■ **DATASET EXTRACT**:
BEGIN
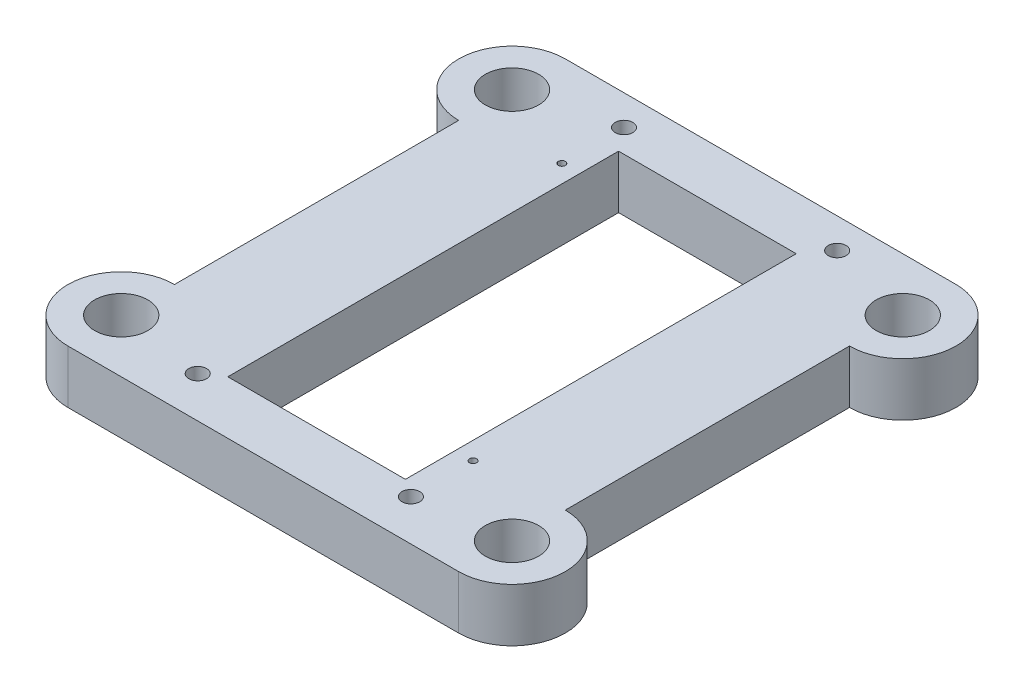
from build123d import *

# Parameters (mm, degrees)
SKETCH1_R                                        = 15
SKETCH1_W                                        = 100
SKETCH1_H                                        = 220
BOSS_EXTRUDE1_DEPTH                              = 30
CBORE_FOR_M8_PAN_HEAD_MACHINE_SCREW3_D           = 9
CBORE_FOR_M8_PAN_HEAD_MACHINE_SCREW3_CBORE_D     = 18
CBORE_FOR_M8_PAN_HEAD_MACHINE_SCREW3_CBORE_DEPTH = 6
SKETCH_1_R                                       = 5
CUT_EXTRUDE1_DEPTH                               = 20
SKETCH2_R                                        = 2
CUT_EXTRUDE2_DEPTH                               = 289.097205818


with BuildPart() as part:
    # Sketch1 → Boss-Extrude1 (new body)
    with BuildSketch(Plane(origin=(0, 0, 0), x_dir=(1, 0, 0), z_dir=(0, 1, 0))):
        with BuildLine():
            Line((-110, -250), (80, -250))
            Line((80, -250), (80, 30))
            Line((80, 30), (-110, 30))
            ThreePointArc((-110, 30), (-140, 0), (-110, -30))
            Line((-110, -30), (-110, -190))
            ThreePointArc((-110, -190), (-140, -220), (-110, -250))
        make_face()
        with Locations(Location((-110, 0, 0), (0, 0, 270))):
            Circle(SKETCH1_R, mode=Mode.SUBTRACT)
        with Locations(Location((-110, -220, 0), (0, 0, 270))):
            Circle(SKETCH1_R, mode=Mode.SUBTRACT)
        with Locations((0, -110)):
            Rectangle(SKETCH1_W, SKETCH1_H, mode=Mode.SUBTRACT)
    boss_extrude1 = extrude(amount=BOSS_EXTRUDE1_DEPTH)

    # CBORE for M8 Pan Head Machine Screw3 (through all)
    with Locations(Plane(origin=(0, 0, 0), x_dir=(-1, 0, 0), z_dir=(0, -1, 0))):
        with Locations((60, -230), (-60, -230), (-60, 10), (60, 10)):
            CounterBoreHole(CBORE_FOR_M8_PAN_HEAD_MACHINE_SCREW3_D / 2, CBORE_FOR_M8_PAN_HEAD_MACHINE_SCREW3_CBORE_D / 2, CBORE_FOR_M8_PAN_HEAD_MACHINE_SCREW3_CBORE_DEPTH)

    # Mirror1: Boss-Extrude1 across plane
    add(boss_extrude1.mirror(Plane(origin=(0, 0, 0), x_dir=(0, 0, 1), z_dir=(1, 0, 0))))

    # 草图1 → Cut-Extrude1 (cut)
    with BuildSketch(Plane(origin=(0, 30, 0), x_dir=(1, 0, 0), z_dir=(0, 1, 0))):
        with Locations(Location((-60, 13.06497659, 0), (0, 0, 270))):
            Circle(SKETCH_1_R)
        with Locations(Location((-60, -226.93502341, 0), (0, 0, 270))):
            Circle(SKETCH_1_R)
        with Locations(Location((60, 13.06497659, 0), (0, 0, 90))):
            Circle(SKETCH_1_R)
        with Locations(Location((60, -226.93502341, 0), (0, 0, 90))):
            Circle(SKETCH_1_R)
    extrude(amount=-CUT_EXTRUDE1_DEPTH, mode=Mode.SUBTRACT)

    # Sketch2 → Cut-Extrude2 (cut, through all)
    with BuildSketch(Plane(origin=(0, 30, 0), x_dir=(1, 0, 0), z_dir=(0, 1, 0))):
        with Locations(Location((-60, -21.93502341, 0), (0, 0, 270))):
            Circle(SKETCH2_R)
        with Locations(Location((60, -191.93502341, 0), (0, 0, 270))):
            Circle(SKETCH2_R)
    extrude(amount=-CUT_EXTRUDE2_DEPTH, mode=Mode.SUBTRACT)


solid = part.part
END
■ **THE TASK**: Please write every line above out exactly as given, except for any pictures.

■ **OUTPUT BELOW**:
from build123d import *

# Parameters (mm, degrees)
SKETCH1_R                                        = 15
SKETCH1_W                                        = 100
SKETCH1_H                                        = 220
BOSS_EXTRUDE1_DEPTH                              = 30
CBORE_FOR_M8_PAN_HEAD_MACHINE_SCREW3_D           = 9
CBORE_FOR_M8_PAN_HEAD_MACHINE_SCREW3_CBORE_D     = 18
CBORE_FOR_M8_PAN_HEAD_MACHINE_SCREW3_CBORE_DEPTH = 6
SKETCH_1_R                                       = 5
CUT_EXTRUDE1_DEPTH                               = 20
SKETCH2_R                                        = 2
CUT_EXTRUDE2_DEPTH                               = 289.097205818


with BuildPart() as part:
    # Sketch1 → Boss-Extrude1 (new body)
    with BuildSketch(Plane(origin=(0, 0, 0), x_dir=(1, 0, 0), z_dir=(0, 1, 0))):
        with BuildLine():
            Line((-110, -250), (80, -250))
            Line((80, -250), (80, 30))
            Line((80, 30), (-110, 30))
            ThreePointArc((-110, 30), (-140, 0), (-110, -30))
            Line((-110, -30), (-110, -190))
            ThreePointArc((-110, -190), (-140, -220), (-110, -250))
        make_face()
        with Locations(Location((-110, 0, 0), (0, 0, 270))):
            Circle(SKETCH1_R, mode=Mode.SUBTRACT)
        with Locations(Location((-110, -220, 0), (0, 0, 270))):
            Circle(SKETCH1_R, mode=Mode.SUBTRACT)
        with Locations((0, -110)):
            Rectangle(SKETCH1_W, SKETCH1_H, mode=Mode.SUBTRACT)
    boss_extrude1 = extrude(amount=BOSS_EXTRUDE1_DEPTH)

    # CBORE for M8 Pan Head Machine Screw3 (through all)
    with Locations(Plane(origin=(0, 0, 0), x_dir=(-1, 0, 0), z_dir=(0, -1, 0))):
        with Locations((60, -230), (-60, -230), (-60, 10), (60, 10)):
            CounterBoreHole(CBORE_FOR_M8_PAN_HEAD_MACHINE_SCREW3_D / 2, CBORE_FOR_M8_PAN_HEAD_MACHINE_SCREW3_CBORE_D / 2, CBORE_FOR_M8_PAN_HEAD_MACHINE_SCREW3_CBORE_DEPTH)

    # Mirror1: Boss-Extrude1 across plane
    add(boss_extrude1.mirror(Plane(origin=(0, 0, 0), x_dir=(0, 0, 1), z_dir=(1, 0, 0))))

    # 草图1 → Cut-Extrude1 (cut)
    with BuildSketch(Plane(origin=(0, 30, 0), x_dir=(1, 0, 0), z_dir=(0, 1, 0))):
        with Locations(Location((-60, 13.06497659, 0), (0, 0, 270))):
            Circle(SKETCH_1_R)
        with Locations(Location((-60, -226.93502341, 0), (0, 0, 270))):
            Circle(SKETCH_1_R)
        with Locations(Location((60, 13.06497659, 0), (0, 0, 90))):
            Circle(SKETCH_1_R)
        with Locations(Location((60, -226.93502341, 0), (0, 0, 90))):
            Circle(SKETCH_1_R)
    extrude(amount=-CUT_EXTRUDE1_DEPTH, mode=Mode.SUBTRACT)

    # Sketch2 → Cut-Extrude2 (cut, through all)
    with BuildSketch(Plane(origin=(0, 30, 0), x_dir=(1, 0, 0), z_dir=(0, 1, 0))):
        with Locations(Location((-60, -21.93502341, 0), (0, 0, 270))):
            Circle(SKETCH2_R)
        with Locations(Location((60, -191.93502341, 0), (0, 0, 270))):
            Circle(SKETCH2_R)
    extrude(amount=-CUT_EXTRUDE2_DEPTH, mode=Mode.SUBTRACT)


solid = part.part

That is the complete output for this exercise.